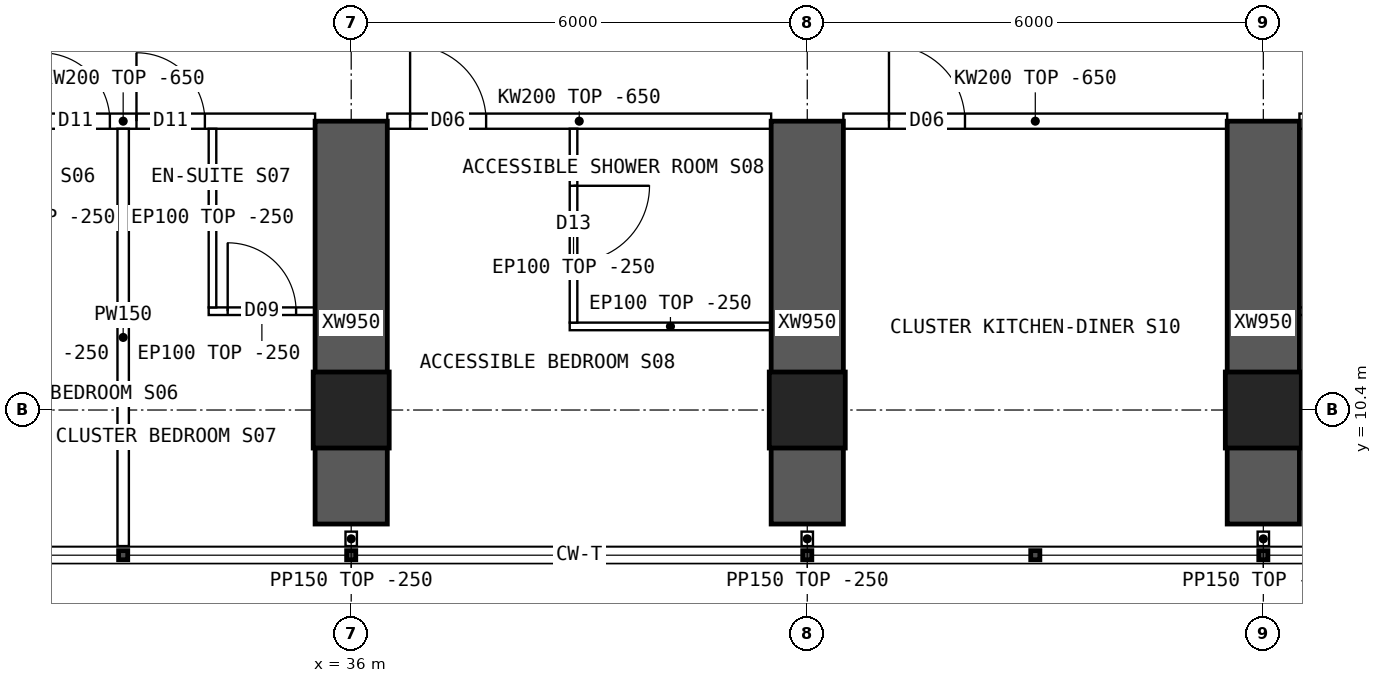
"""IFC4 building model, lengths in metres.
Left out: names, types, materials, properties, quantities, classifications, styles, units other than length and angle.
Written with IfcOpenShell. Run it as: python <this file> out.ifc"""

import sys

from ifc_helpers import new_model, si_unit, direction, frame, frame_2d, origin, origin_2d, place, context, subcontext, project, spatial, polyline, rectangle, hollow_rectangle, outline, extrude, element, fill, save


model = new_model("IFC4")
c1 = context("Model", 3, precision=1e-05, world=origin(), true_north=direction((0.0, 1.0)))
c2 = subcontext(c1, "Body", "Model", "MODEL_VIEW")
j1 = project(units=[si_unit("LENGTHUNIT", "METRE"), si_unit("PLANEANGLEUNIT", "RADIAN")], contexts=[c1])
p1 = place(None, origin())
s1 = spatial("IfcSite", under=j1, at=p1, CompositionType="ELEMENT")
p2 = place(p1, origin())
s2 = spatial("IfcBuilding", under=s1, at=p2, CompositionType="ELEMENT")
p3 = place(p2, frame((0.0, 0.0, 88.15)))
s3 = spatial("IfcBuildingStorey", under=s2, at=p3, CompositionType="ELEMENT", Elevation=88.15)
for number, where, z_axis, x_axis in (
    (1, (36.0, 10.4, 0.0), (0.0, 0.0, 1.0), (1.0, 0.0, 0.0)),
    (2, (42.0, 10.4, 0.0), (0.0, 0.0, 1.0), (1.0, 0.0, 0.0)),
    (3, (48.0, 10.4, 0.0), (0.0, 0.0, 1.0), (1.0, 0.0, 0.0)),
):
    element("IfcColumn", number, at=place(p3, frame(where, z_axis=z_axis, x_axis=x_axis)), inside=s3, PredefinedType="COLUMN", context=c2, shape_type="SweptSolid", body=[
        extrude(hollow_rectangle(XDim=1.0, YDim=1.0, WallThickness=0.1, at=origin_2d()), origin(), (0.0, 0.0, 1.0), 3.75),
    ])
for number, where, z_axis, x_axis in (
    (4, (36.0, 8.9, 0.0), (0.0, 0.0, 1.0), (0.0, 1.0, 0.0)),
    (5, (42.0, 8.9, 0.0), (0.0, 0.0, 1.0), (0.0, 1.0, 0.0)),
    (6, (48.0, 8.9, 0.0), (0.0, 0.0, 1.0), (0.0, 1.0, 0.0)),
):
    element("IfcWall", number, at=place(p3, frame(where, z_axis=z_axis, x_axis=x_axis)), inside=s3, PredefinedType="SHEAR", context=c2, shape_type="SweptSolid", body=[
        extrude(rectangle(XDim=5.3, YDim=0.95, at=frame_2d((2.65, 0.0))), origin(), (0.0, 0.0, 1.0), 3.75),
    ])
p4 = place(p3, frame((30.475, 14.2, 0.0), z_axis=(0.0, 0.0, 1.0), x_axis=(1.0, 0.0, 0.0)))
e7 = element("IfcWall", 7, at=p4, inside=s3, PredefinedType="SOLIDWALL", context=c2, shape_type="SweptSolid", body=[
    extrude(outline(polyline([(0.0, 0.0), (5.05, 0.0), (5.05, 3.1), (0.0, 3.1), (0.0, 0.0)])), frame((0.0, 0.1, 0.0), z_axis=(0.0, -1.0, 0.0), x_axis=(1.0, 0.0, 0.0)), (0.0, 0.0, 1.0), 0.2),
])
p5 = place(p4, frame((1.45, 0.0, 0.0)))
e8 = element("IfcOpeningElement", 8, at=p5, cuts=e7, PredefinedType="OPENING", context=c2, shape_type="SweptSolid", body=[
    extrude(rectangle(XDim=0.9, YDim=2.1, at=frame_2d((0.45, 1.05))), frame((0.0, 0.11, 0.0), z_axis=(0.0, -1.0, 0.0), x_axis=(1.0, 0.0, 0.0)), (0.0, 0.0, 1.0), 0.22),
])
p6 = place(p4, frame((2.7, 0.0, 0.0)))
e9 = element("IfcOpeningElement", 9, at=p6, cuts=e7, PredefinedType="OPENING", context=c2, shape_type="SweptSolid", body=[
    extrude(rectangle(XDim=0.9, YDim=2.1, at=frame_2d((0.45, 1.05))), frame((0.0, 0.11, 0.0), z_axis=(0.0, -1.0, 0.0), x_axis=(1.0, 0.0, 0.0)), (0.0, 0.0, 1.0), 0.22),
])
p7 = place(p3, frame((36.475, 14.2, 0.0), z_axis=(0.0, 0.0, 1.0), x_axis=(1.0, 0.0, 0.0)))
e10 = element("IfcWall", 10, at=p7, inside=s3, PredefinedType="SOLIDWALL", context=c2, shape_type="SweptSolid", body=[
    extrude(outline(polyline([(0.0, 0.0), (5.05, 0.0), (5.05, 3.1), (0.0, 3.1), (0.0, 0.0)])), frame((0.0, 0.1, 0.0), z_axis=(0.0, -1.0, 0.0), x_axis=(1.0, 0.0, 0.0)), (0.0, 0.0, 1.0), 0.2),
])
p8 = place(p7, frame((0.3, 0.0, 0.0)))
e11 = element("IfcOpeningElement", 11, at=p8, cuts=e10, PredefinedType="OPENING", context=c2, shape_type="SweptSolid", body=[
    extrude(rectangle(XDim=1.0, YDim=2.1, at=frame_2d((0.5, 1.05))), frame((0.0, 0.11, 0.0), z_axis=(0.0, -1.0, 0.0), x_axis=(1.0, 0.0, 0.0)), (0.0, 0.0, 1.0), 0.22),
])
p9 = place(p3, frame((42.475, 14.2, 0.0), z_axis=(0.0, 0.0, 1.0), x_axis=(1.0, 0.0, 0.0)))
e12 = element("IfcWall", 12, at=p9, inside=s3, PredefinedType="SOLIDWALL", context=c2, shape_type="SweptSolid", body=[
    extrude(outline(polyline([(0.0, 0.0), (5.05, 0.0), (5.05, 3.1), (0.0, 3.1), (0.0, 0.0)])), frame((0.0, 0.1, 0.0), z_axis=(0.0, -1.0, 0.0), x_axis=(1.0, 0.0, 0.0)), (0.0, 0.0, 1.0), 0.2),
])
p10 = place(p9, frame((0.6, 0.0, 0.0)))
e13 = element("IfcOpeningElement", 13, at=p10, cuts=e12, PredefinedType="OPENING", context=c2, shape_type="SweptSolid", body=[
    extrude(rectangle(XDim=1.0, YDim=2.1, at=frame_2d((0.5, 1.05))), frame((0.0, 0.11, 0.0), z_axis=(0.0, -1.0, 0.0), x_axis=(1.0, 0.0, 0.0)), (0.0, 0.0, 1.0), 0.22),
])
p11 = place(p3, frame((48.475, 14.2, 0.0), z_axis=(0.0, 0.0, 1.0), x_axis=(1.0, 0.0, 0.0)))
e14 = element("IfcWall", 14, at=p11, inside=s3, PredefinedType="SOLIDWALL", context=c2, shape_type="SweptSolid", body=[
    extrude(outline(polyline([(0.0, 0.0), (5.05, 0.0), (5.05, 3.1), (0.0, 3.1), (0.0, 0.0)])), frame((0.0, 0.1, 0.0), z_axis=(0.0, -1.0, 0.0), x_axis=(1.0, 0.0, 0.0)), (0.0, 0.0, 1.0), 0.2),
])
p12 = place(p11, frame((1.45, 0.0, 0.0)))
e15 = element("IfcOpeningElement", 15, at=p12, cuts=e14, PredefinedType="OPENING", context=c2, shape_type="SweptSolid", body=[
    extrude(rectangle(XDim=0.9, YDim=2.1, at=frame_2d((0.45, 1.05))), frame((0.0, 0.11, 0.0), z_axis=(0.0, -1.0, 0.0), x_axis=(1.0, 0.0, 0.0)), (0.0, 0.0, 1.0), 0.22),
])
p13 = place(p11, frame((2.7, 0.0, 0.0)))
e16 = element("IfcOpeningElement", 16, at=p13, cuts=e14, PredefinedType="OPENING", context=c2, shape_type="SweptSolid", body=[
    extrude(rectangle(XDim=0.9, YDim=2.1, at=frame_2d((0.45, 1.05))), frame((0.0, 0.11, 0.0), z_axis=(0.0, -1.0, 0.0), x_axis=(1.0, 0.0, 0.0)), (0.0, 0.0, 1.0), 0.22),
])
p14 = place(p3, frame((33.0, 8.61, 0.0), z_axis=(0.0, 0.0, 1.0), x_axis=(0.0, 1.0, 0.0)))
e17 = element("IfcWall", 17, at=p14, inside=s3, PredefinedType="PARTITIONING", context=c2, shape_type="SweptSolid", body=[
    extrude(outline(polyline([(0.0, 0.0), (5.49, 0.0), (5.49, 3.1), (5.442, 3.1), (5.44, 3.5), (1.992, 3.5), (1.99, 3.1), (1.592, 3.1), (1.59, 3.5), (0.0, 3.5), (0.0, 0.0)])), frame((0.0, 0.075, 0.0), z_axis=(0.0, -1.0, 0.0), x_axis=(1.0, 0.0, 0.0)), (0.0, 0.0, 1.0), 0.15),
])
p15 = place(p3, frame((35.525, 11.7, 0.0), z_axis=(0.0, 0.0, 1.0), x_axis=(-1.0, 0.0, 0.0)))
e18 = element("IfcWall", 18, at=p15, inside=s3, PredefinedType="PARTITIONING", context=c2, shape_type="SweptSolid", body=[
    extrude(rectangle(XDim=1.4, YDim=0.1, at=frame_2d((0.7, 0.0))), origin(), (0.0, 0.0, 1.0), 3.5),
])
p16 = place(p15, frame((0.25, 0.0, 0.0)))
e19 = element("IfcOpeningElement", 19, at=p16, cuts=e18, PredefinedType="OPENING", context=c2, shape_type="SweptSolid", body=[
    extrude(rectangle(XDim=0.9, YDim=2.1, at=frame_2d((0.45, 1.05))), frame((0.0, 0.06, 0.0), z_axis=(0.0, -1.0, 0.0), x_axis=(1.0, 0.0, 0.0)), (0.0, 0.0, 1.0), 0.12),
])
p17 = place(p3, frame((34.175, 11.75, 0.0), z_axis=(0.0, 0.0, 1.0), x_axis=(0.0, 1.0, 0.0)))
e20 = element("IfcWall", 20, at=p17, inside=s3, PredefinedType="PARTITIONING", context=c2, shape_type="SweptSolid", body=[
    extrude(outline(polyline([(0.0, 0.0), (2.35, 0.0), (2.35, 3.1), (2.302, 3.1), (2.3, 3.5), (0.0, 3.5), (0.0, 0.0)])), frame((0.0, 0.05, 0.0), z_axis=(0.0, -1.0, 0.0), x_axis=(1.0, 0.0, 0.0)), (0.0, 0.0, 1.0), 0.1),
])
p18 = place(p3, frame((38.875, 11.5, 0.0), z_axis=(0.0, 0.0, 1.0), x_axis=(1.0, 0.0, 0.0)))
e21 = element("IfcWall", 21, at=p18, inside=s3, PredefinedType="PARTITIONING", context=c2, shape_type="SweptSolid", body=[
    extrude(rectangle(XDim=2.65, YDim=0.1, at=frame_2d((1.325, 0.0))), origin(), (0.0, 0.0, 1.0), 3.5),
])
p19 = place(p3, frame((38.925, 11.55, 0.0), z_axis=(0.0, 0.0, 1.0), x_axis=(0.0, 1.0, 0.0)))
e22 = element("IfcWall", 22, at=p19, inside=s3, PredefinedType="PARTITIONING", context=c2, shape_type="SweptSolid", body=[
    extrude(outline(polyline([(0.0, 0.0), (2.55, 0.0), (2.55, 3.1), (2.502, 3.1), (2.5, 3.5), (0.0, 3.5), (0.0, 0.0)])), frame((0.0, 0.05, 0.0), z_axis=(0.0, -1.0, 0.0), x_axis=(1.0, 0.0, 0.0)), (0.0, 0.0, 1.0), 0.1),
])
p20 = place(p19, frame((0.8, 0.0, 0.0)))
e23 = element("IfcOpeningElement", 23, at=p20, cuts=e22, PredefinedType="OPENING", context=c2, shape_type="SweptSolid", body=[
    extrude(rectangle(XDim=1.0, YDim=2.1, at=frame_2d((0.5, 1.05))), frame((0.0, 0.06, 0.0), z_axis=(0.0, -1.0, 0.0), x_axis=(1.0, 0.0, 0.0)), (0.0, 0.0, 1.0), 0.12),
])
p21 = place(p3, frame((49.875, 11.7, 0.0), z_axis=(0.0, 0.0, 1.0), x_axis=(-1.0, 0.0, 0.0)))
e24 = element("IfcWall", 24, at=p21, inside=s3, PredefinedType="PARTITIONING", context=c2, shape_type="SweptSolid", body=[
    extrude(rectangle(XDim=1.4, YDim=0.1, at=frame_2d((0.7, 0.0))), origin(), (0.0, 0.0, 1.0), 3.5),
])
p22 = place(p21, frame((0.25, 0.0, 0.0)))
e25 = element("IfcOpeningElement", 25, at=p22, cuts=e24, PredefinedType="OPENING", context=c2, shape_type="SweptSolid", body=[
    extrude(rectangle(XDim=0.9, YDim=2.1, at=frame_2d((0.45, 1.05))), frame((0.0, 0.06, 0.0), z_axis=(0.0, -1.0, 0.0), x_axis=(1.0, 0.0, 0.0)), (0.0, 0.0, 1.0), 0.12),
])
for number, where, z_axis, x_axis in (
    (26, (36.0, 8.8, 0.0), (0.0, 0.0, 1.0), (0.0, -1.0, 0.0)),
    (27, (42.0, 8.8, 0.0), (0.0, 0.0, 1.0), (0.0, -1.0, 0.0)),
    (28, (48.0, 8.8, 0.0), (0.0, 0.0, 1.0), (0.0, -1.0, 0.0)),
):
    element("IfcWall", number, at=place(p3, frame(where, z_axis=z_axis, x_axis=x_axis)), inside=s3, PredefinedType="PARTITIONING", context=c2, shape_type="SweptSolid", body=[
        extrude(rectangle(XDim=0.19, YDim=0.15, at=frame_2d((0.095, 0.0))), origin(), (0.0, 0.0, 1.0), 3.5),
    ])
p23 = place(p5, origin())
e29 = element("IfcDoor", 29, at=p23, inside=s3, OperationType="SINGLE_SWING_LEFT", PredefinedType="DOOR", context=c2, shape_type="SweptSolid", body=[
    extrude(rectangle(XDim=0.9, YDim=2.1, at=frame_2d((0.45, 1.05))), frame((0.0, 0.025, 0.0), z_axis=(0.0, -1.0, 0.0), x_axis=(1.0, 0.0, 0.0)), (0.0, 0.0, 1.0), 0.05),
])
fill(e8, e29)
p24 = place(p16, origin())
e30 = element("IfcDoor", 30, at=p24, inside=s3, OperationType="SINGLE_SWING_RIGHT", PredefinedType="DOOR", context=c2, shape_type="SweptSolid", body=[
    extrude(rectangle(XDim=0.9, YDim=2.1, at=frame_2d((0.45, 1.05))), frame((0.0, 0.025, 0.0), z_axis=(0.0, -1.0, 0.0), x_axis=(1.0, 0.0, 0.0)), (0.0, 0.0, 1.0), 0.05),
])
fill(e19, e30)
p25 = place(p6, origin())
e31 = element("IfcDoor", 31, at=p25, inside=s3, OperationType="SINGLE_SWING_LEFT", PredefinedType="DOOR", context=c2, shape_type="SweptSolid", body=[
    extrude(rectangle(XDim=0.9, YDim=2.1, at=frame_2d((0.45, 1.05))), frame((0.0, 0.025, 0.0), z_axis=(0.0, -1.0, 0.0), x_axis=(1.0, 0.0, 0.0)), (0.0, 0.0, 1.0), 0.05),
])
fill(e9, e31)
p26 = place(p20, origin())
e32 = element("IfcDoor", 32, at=p26, inside=s3, OperationType="SINGLE_SWING_RIGHT", PredefinedType="DOOR", context=c2, shape_type="SweptSolid", body=[
    extrude(rectangle(XDim=1.0, YDim=2.1, at=frame_2d((0.5, 1.05))), frame((0.0, 0.025, 0.0), z_axis=(0.0, -1.0, 0.0), x_axis=(1.0, 0.0, 0.0)), (0.0, 0.0, 1.0), 0.05),
])
fill(e23, e32)
p27 = place(p8, origin())
e33 = element("IfcDoor", 33, at=p27, inside=s3, OperationType="SINGLE_SWING_LEFT", PredefinedType="DOOR", context=c2, shape_type="SweptSolid", body=[
    extrude(rectangle(XDim=1.0, YDim=2.1, at=frame_2d((0.5, 1.05))), frame((0.0, 0.025, 0.0), z_axis=(0.0, -1.0, 0.0), x_axis=(1.0, 0.0, 0.0)), (0.0, 0.0, 1.0), 0.05),
])
fill(e11, e33)
p28 = place(p10, origin())
e34 = element("IfcDoor", 34, at=p28, inside=s3, OperationType="SINGLE_SWING_LEFT", PredefinedType="DOOR", context=c2, shape_type="SweptSolid", body=[
    extrude(rectangle(XDim=1.0, YDim=2.1, at=frame_2d((0.5, 1.05))), frame((0.0, 0.025, 0.0), z_axis=(0.0, -1.0, 0.0), x_axis=(1.0, 0.0, 0.0)), (0.0, 0.0, 1.0), 0.05),
])
fill(e13, e34)
save(model, sys.argv[1])

++++++++++

Among the records, find every line holding the word "under" and copy it.

» Result of this task:
s1 = spatial("IfcSite", under=j1, at=p1, CompositionType="ELEMENT")
s2 = spatial("IfcBuilding", under=s1, at=p2, CompositionType="ELEMENT")
s3 = spatial("IfcBuildingStorey", under=s2, at=p3, CompositionType="ELEMENT", Elevation=88.15)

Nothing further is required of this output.